What the exercise asks
Check each line of the listing for the string "units", count the lines that have it, and answer with that number only.

Task input
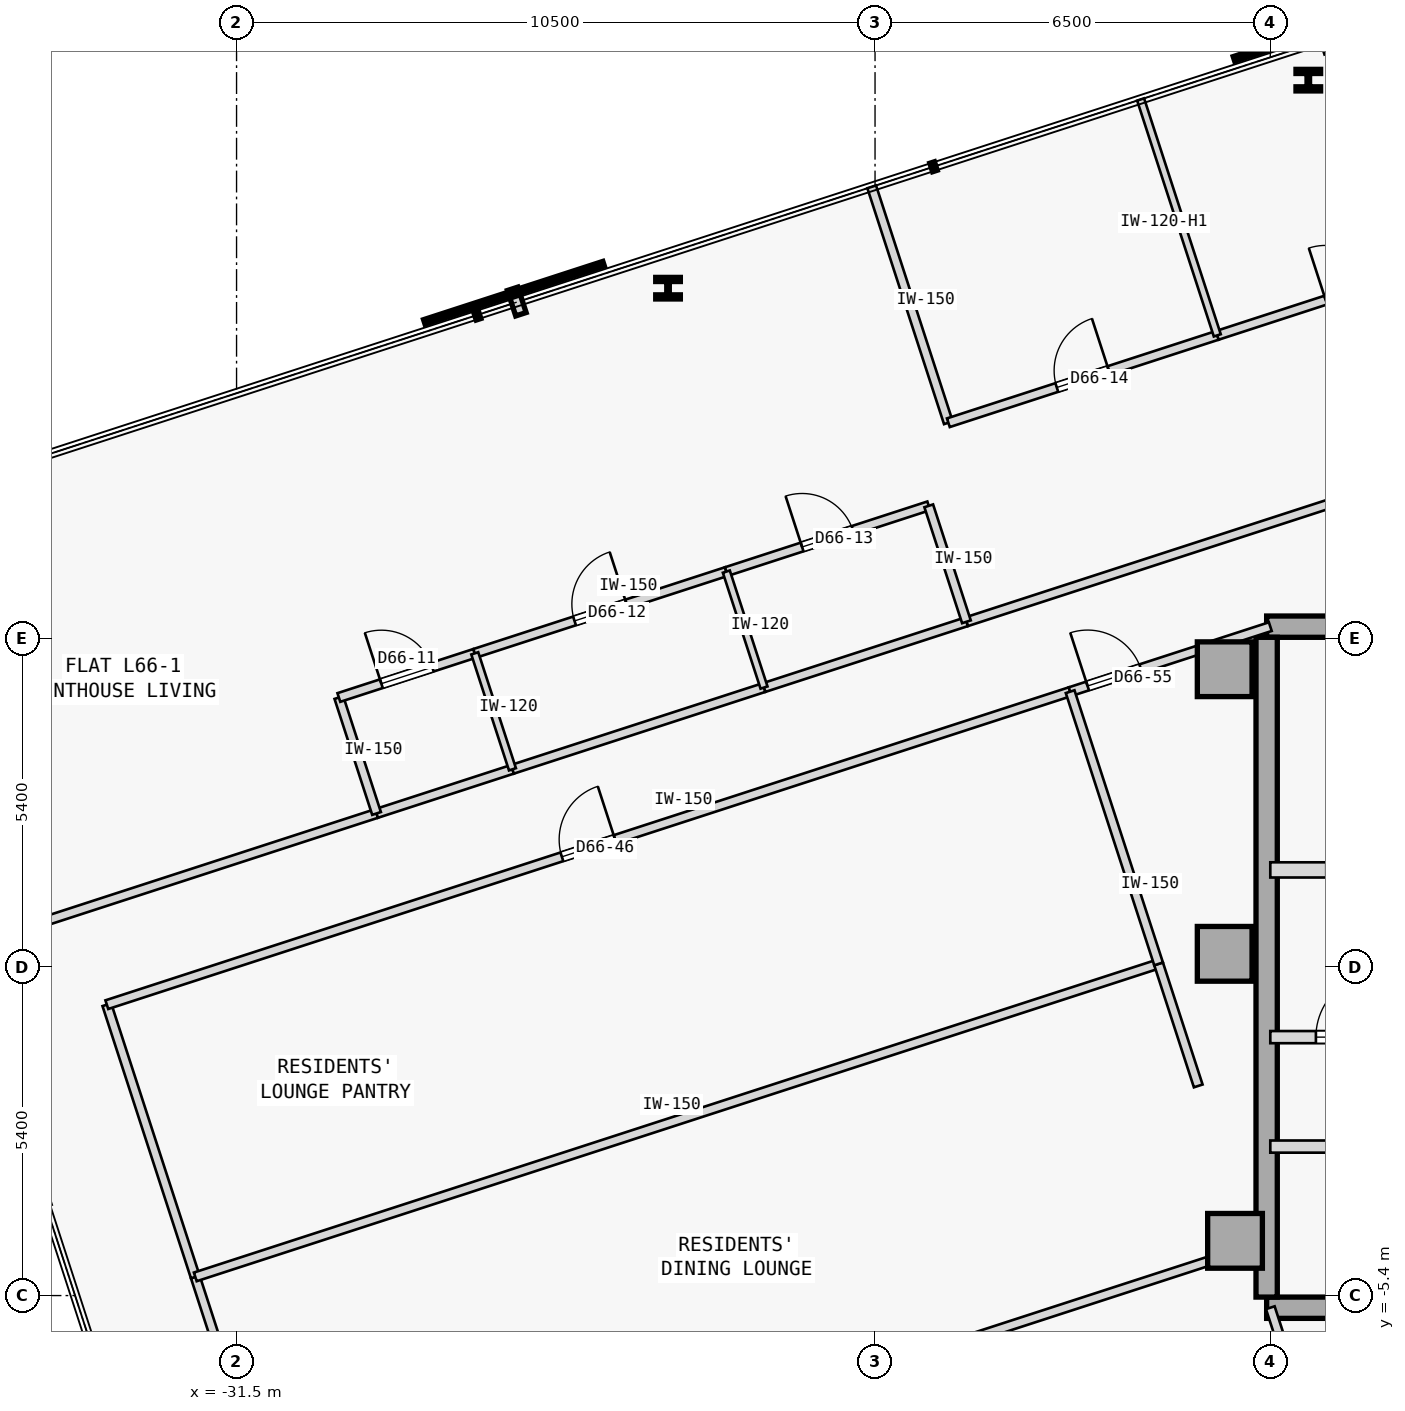
"""IFC4 building model, lengths in metres.
Left out: names, types, materials, properties, quantities, classifications, styles, units other than length and angle.
Written with IfcOpenShell. Run it as: python <this file> out.ifc"""

import sys

from ifc_helpers import new_model, si_unit, direction, frame, frame_2d, origin, origin_2d, place, context, subcontext, project, spatial, rectangle, i_section, extrude, element, fill, save


model = new_model("IFC4")
c1 = context("Model", 3, precision=1e-05, world=origin(), true_north=direction((0.0, 1.0)))
c2 = subcontext(c1, "Body", "Model", "MODEL_VIEW")
j1 = project(units=[si_unit("LENGTHUNIT", "METRE"), si_unit("PLANEANGLEUNIT", "RADIAN")], contexts=[c1])
p1 = place(None, origin())
s1 = spatial("IfcSite", under=j1, at=p1, CompositionType="ELEMENT")
p2 = place(p1, origin())
s2 = spatial("IfcBuilding", under=s1, at=p2, CompositionType="ELEMENT")
p3 = place(p2, frame((0.0, 0.0, 247.75)))
s3 = spatial("IfcBuildingStorey", under=s2, at=p3, CompositionType="ELEMENT", Elevation=247.75)
for number, where, z_axis, x_axis in (
    (1, (-15.25, 4.9, 0.0), (0.0, 0.0, 1.0), (1.0, 0.0, 0.0)),
    (2, (-15.25, 0.22, 0.0), (0.0, 0.0, 1.0), (1.0, 0.0, 0.0)),
    (3, (-15.08, -4.5, 0.0), (0.0, 0.0, 1.0), (1.0, 0.0, 0.0)),
):
    element("IfcColumn", number, at=place(p3, frame(where, z_axis=z_axis, x_axis=x_axis)), inside=s3, PredefinedType="COLUMN", context=c2, shape_type="SweptSolid", body=[
        extrude(rectangle(XDim=0.9, YDim=0.9, at=origin_2d()), origin(), (0.0, 0.0, 1.0), 3.35),
    ])
p4 = place(p3, frame((-14.56, 5.6, 0.0), z_axis=(0.0, 0.0, 1.0), x_axis=(1.0, 0.0, 0.0)))
e4 = element("IfcWall", 4, at=p4, inside=s3, PredefinedType="SHEAR", context=c2, shape_type="SweptSolid", body=[
    extrude(rectangle(XDim=11.41, YDim=0.35, at=frame_2d((5.705, 0.0))), origin(), (0.0, 0.0, 1.0), 3.125),
])
p5 = place(p3, frame((-14.56, -5.6, 0.0), z_axis=(0.0, 0.0, 1.0), x_axis=(1.0, 0.0, 0.0)))
e5 = element("IfcWall", 5, at=p5, inside=s3, PredefinedType="SHEAR", context=c2, shape_type="SweptSolid", body=[
    extrude(rectangle(XDim=10.86, YDim=0.35, at=frame_2d((5.43, 0.0))), origin(), (0.0, 0.0, 1.0), 3.125),
])
p6 = place(p3, frame((-14.56, -5.425, 0.0), z_axis=(0.0, 0.0, 1.0), x_axis=(0.0, 1.0, 0.0)))
e6 = element("IfcWall", 6, at=p6, inside=s3, PredefinedType="SHEAR", context=c2, shape_type="SweptSolid", body=[
    extrude(rectangle(XDim=10.85, YDim=0.35, at=frame_2d((5.425, 0.0))), origin(), (0.0, 0.0, 1.0), 3.125),
])
for number, where, z_axis, x_axis in (
    (7, (-13.875, 14.587, 0.0), (0.0, 0.0, 1.0), (1.0, 0.0, 0.0)),
    (8, (-24.404, 11.166, 0.0), (0.0, 0.0, 1.0), (1.0, 0.0, 0.0)),
):
    element("IfcColumn", number, at=place(p3, frame(where, z_axis=z_axis, x_axis=x_axis)), inside=s3, PredefinedType="COLUMN", context=c2, shape_type="SweptSolid", body=[
        extrude(i_section(OverallWidth=0.405, OverallDepth=0.355, WebThickness=0.042, FlangeThickness=0.068, FilletRadius=0.015, at=origin_2d()), origin(), (0.0, 0.0, 1.0), 3.35),
    ])
p7 = place(p3, frame((-14.5, 1.6, 0.0), z_axis=(0.0, 0.0, 1.0), x_axis=(1.0, 0.0, 0.0)))
e9 = element("IfcWall", 9, at=p7, inside=s3, PredefinedType="STANDARD", context=c2, shape_type="SweptSolid", body=[
    extrude(rectangle(XDim=3.6, YDim=0.25, at=frame_2d((1.8, 0.0))), origin(), (0.0, 0.0, 1.0), 3.125),
])
p8 = place(p7, frame((0.92, 0.0, 0.0)))
e10 = element("IfcOpeningElement", 10, at=p8, cuts=e9, PredefinedType="OPENING", context=c2, shape_type="SweptSolid", body=[
    extrude(rectangle(XDim=1.05, YDim=2.15, at=frame_2d((0.525, 1.075))), frame((0.0, 0.135, 0.0), z_axis=(0.0, -1.0, 0.0), x_axis=(1.0, 0.0, 0.0)), (0.0, 0.0, 1.0), 0.27),
])
p9 = place(p3, frame((-14.5, -1.15, 0.0), z_axis=(0.0, 0.0, 1.0), x_axis=(1.0, 0.0, 0.0)))
e11 = element("IfcWall", 11, at=p9, inside=s3, PredefinedType="STANDARD", context=c2, shape_type="SweptSolid", body=[
    extrude(rectangle(XDim=2.95, YDim=0.2, at=frame_2d((1.475, 0.0))), origin(), (0.0, 0.0, 1.0), 3.125),
])
p10 = place(p9, frame((0.75, 0.0, 0.0)))
e12 = element("IfcOpeningElement", 12, at=p10, cuts=e11, PredefinedType="OPENING", context=c2, shape_type="SweptSolid", body=[
    extrude(rectangle(XDim=1.05, YDim=2.18, at=frame_2d((0.525, 1.09))), frame((0.0, 0.11, 0.0), z_axis=(0.0, -1.0, 0.0), x_axis=(1.0, 0.0, 0.0)), (0.0, 0.0, 1.0), 0.22),
])
p11 = place(p3, frame((-14.5, -2.95, 0.0), z_axis=(0.0, 0.0, 1.0), x_axis=(1.0, 0.0, 0.0)))
e13 = element("IfcWall", 13, at=p11, inside=s3, PredefinedType="STANDARD", context=c2, shape_type="SweptSolid", body=[
    extrude(rectangle(XDim=10.8, YDim=0.2, at=frame_2d((5.4, 0.0))), origin(), (0.0, 0.0, 1.0), 3.125),
])
p12 = place(p11, frame((9.17, 0.0, 0.0)))
e14 = element("IfcOpeningElement", 14, at=p12, cuts=e13, PredefinedType="OPENING", context=c2, shape_type="SweptSolid", body=[
    extrude(rectangle(XDim=1.1, YDim=2.15, at=frame_2d((0.55, 1.075))), frame((0.0, 0.11, 0.0), z_axis=(0.0, -1.0, 0.0), x_axis=(1.0, 0.0, 0.0)), (0.0, 0.0, 1.0), 0.22),
])
p13 = place(p11, frame((1.73, 0.0, 0.0)))
e15 = element("IfcOpeningElement", 15, at=p13, cuts=e13, PredefinedType="OPENING", context=c2, shape_type="SweptSolid", body=[
    extrude(rectangle(XDim=0.92, YDim=2.15, at=frame_2d((0.46, 1.075))), frame((0.0, 0.11, 0.0), z_axis=(0.0, -1.0, 0.0), x_axis=(1.0, 0.0, 0.0)), (0.0, 0.0, 1.0), 0.22),
])
p14 = place(p11, frame((6.05, 0.0, 0.0)))
e16 = element("IfcOpeningElement", 16, at=p14, cuts=e13, PredefinedType="OPENING", context=c2, shape_type="SweptSolid", body=[
    extrude(rectangle(XDim=0.92, YDim=2.15, at=frame_2d((0.46, 1.075))), frame((0.0, 0.11, 0.0), z_axis=(0.0, -1.0, 0.0), x_axis=(1.0, 0.0, 0.0)), (0.0, 0.0, 1.0), 0.22),
])
p15 = place(p3, frame((-36.012, 0.314, 0.0), z_axis=(0.0, 0.0, 1.0), x_axis=(0.951054850325, 0.309022121658, 0.0)))
e17 = element("IfcWall", 17, at=p15, inside=s3, PredefinedType="PARTITIONING", context=c2, shape_type="SweptSolid", body=[
    extrude(rectangle(XDim=7.165, YDim=0.15, at=frame_2d((3.583, 0.0))), origin(), (0.0, 0.0, 1.0), 3.125),
])
p16 = place(p3, frame((-19.497, 5.68, 0.0), z_axis=(0.0, 0.0, 1.0), x_axis=(0.95105300492, 0.309027801067, 0.0)))
e18 = element("IfcWall", 18, at=p16, inside=s3, PredefinedType="PARTITIONING", context=c2, shape_type="SweptSolid", body=[
    extrude(rectangle(XDim=14.779, YDim=0.15, at=frame_2d((7.39, 0.0))), origin(), (0.0, 0.0, 1.0), 3.125),
])
p17 = place(p16, frame((6.915, 0.0, 0.0)))
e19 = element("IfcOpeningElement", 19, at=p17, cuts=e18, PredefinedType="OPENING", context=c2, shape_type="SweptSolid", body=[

Result
2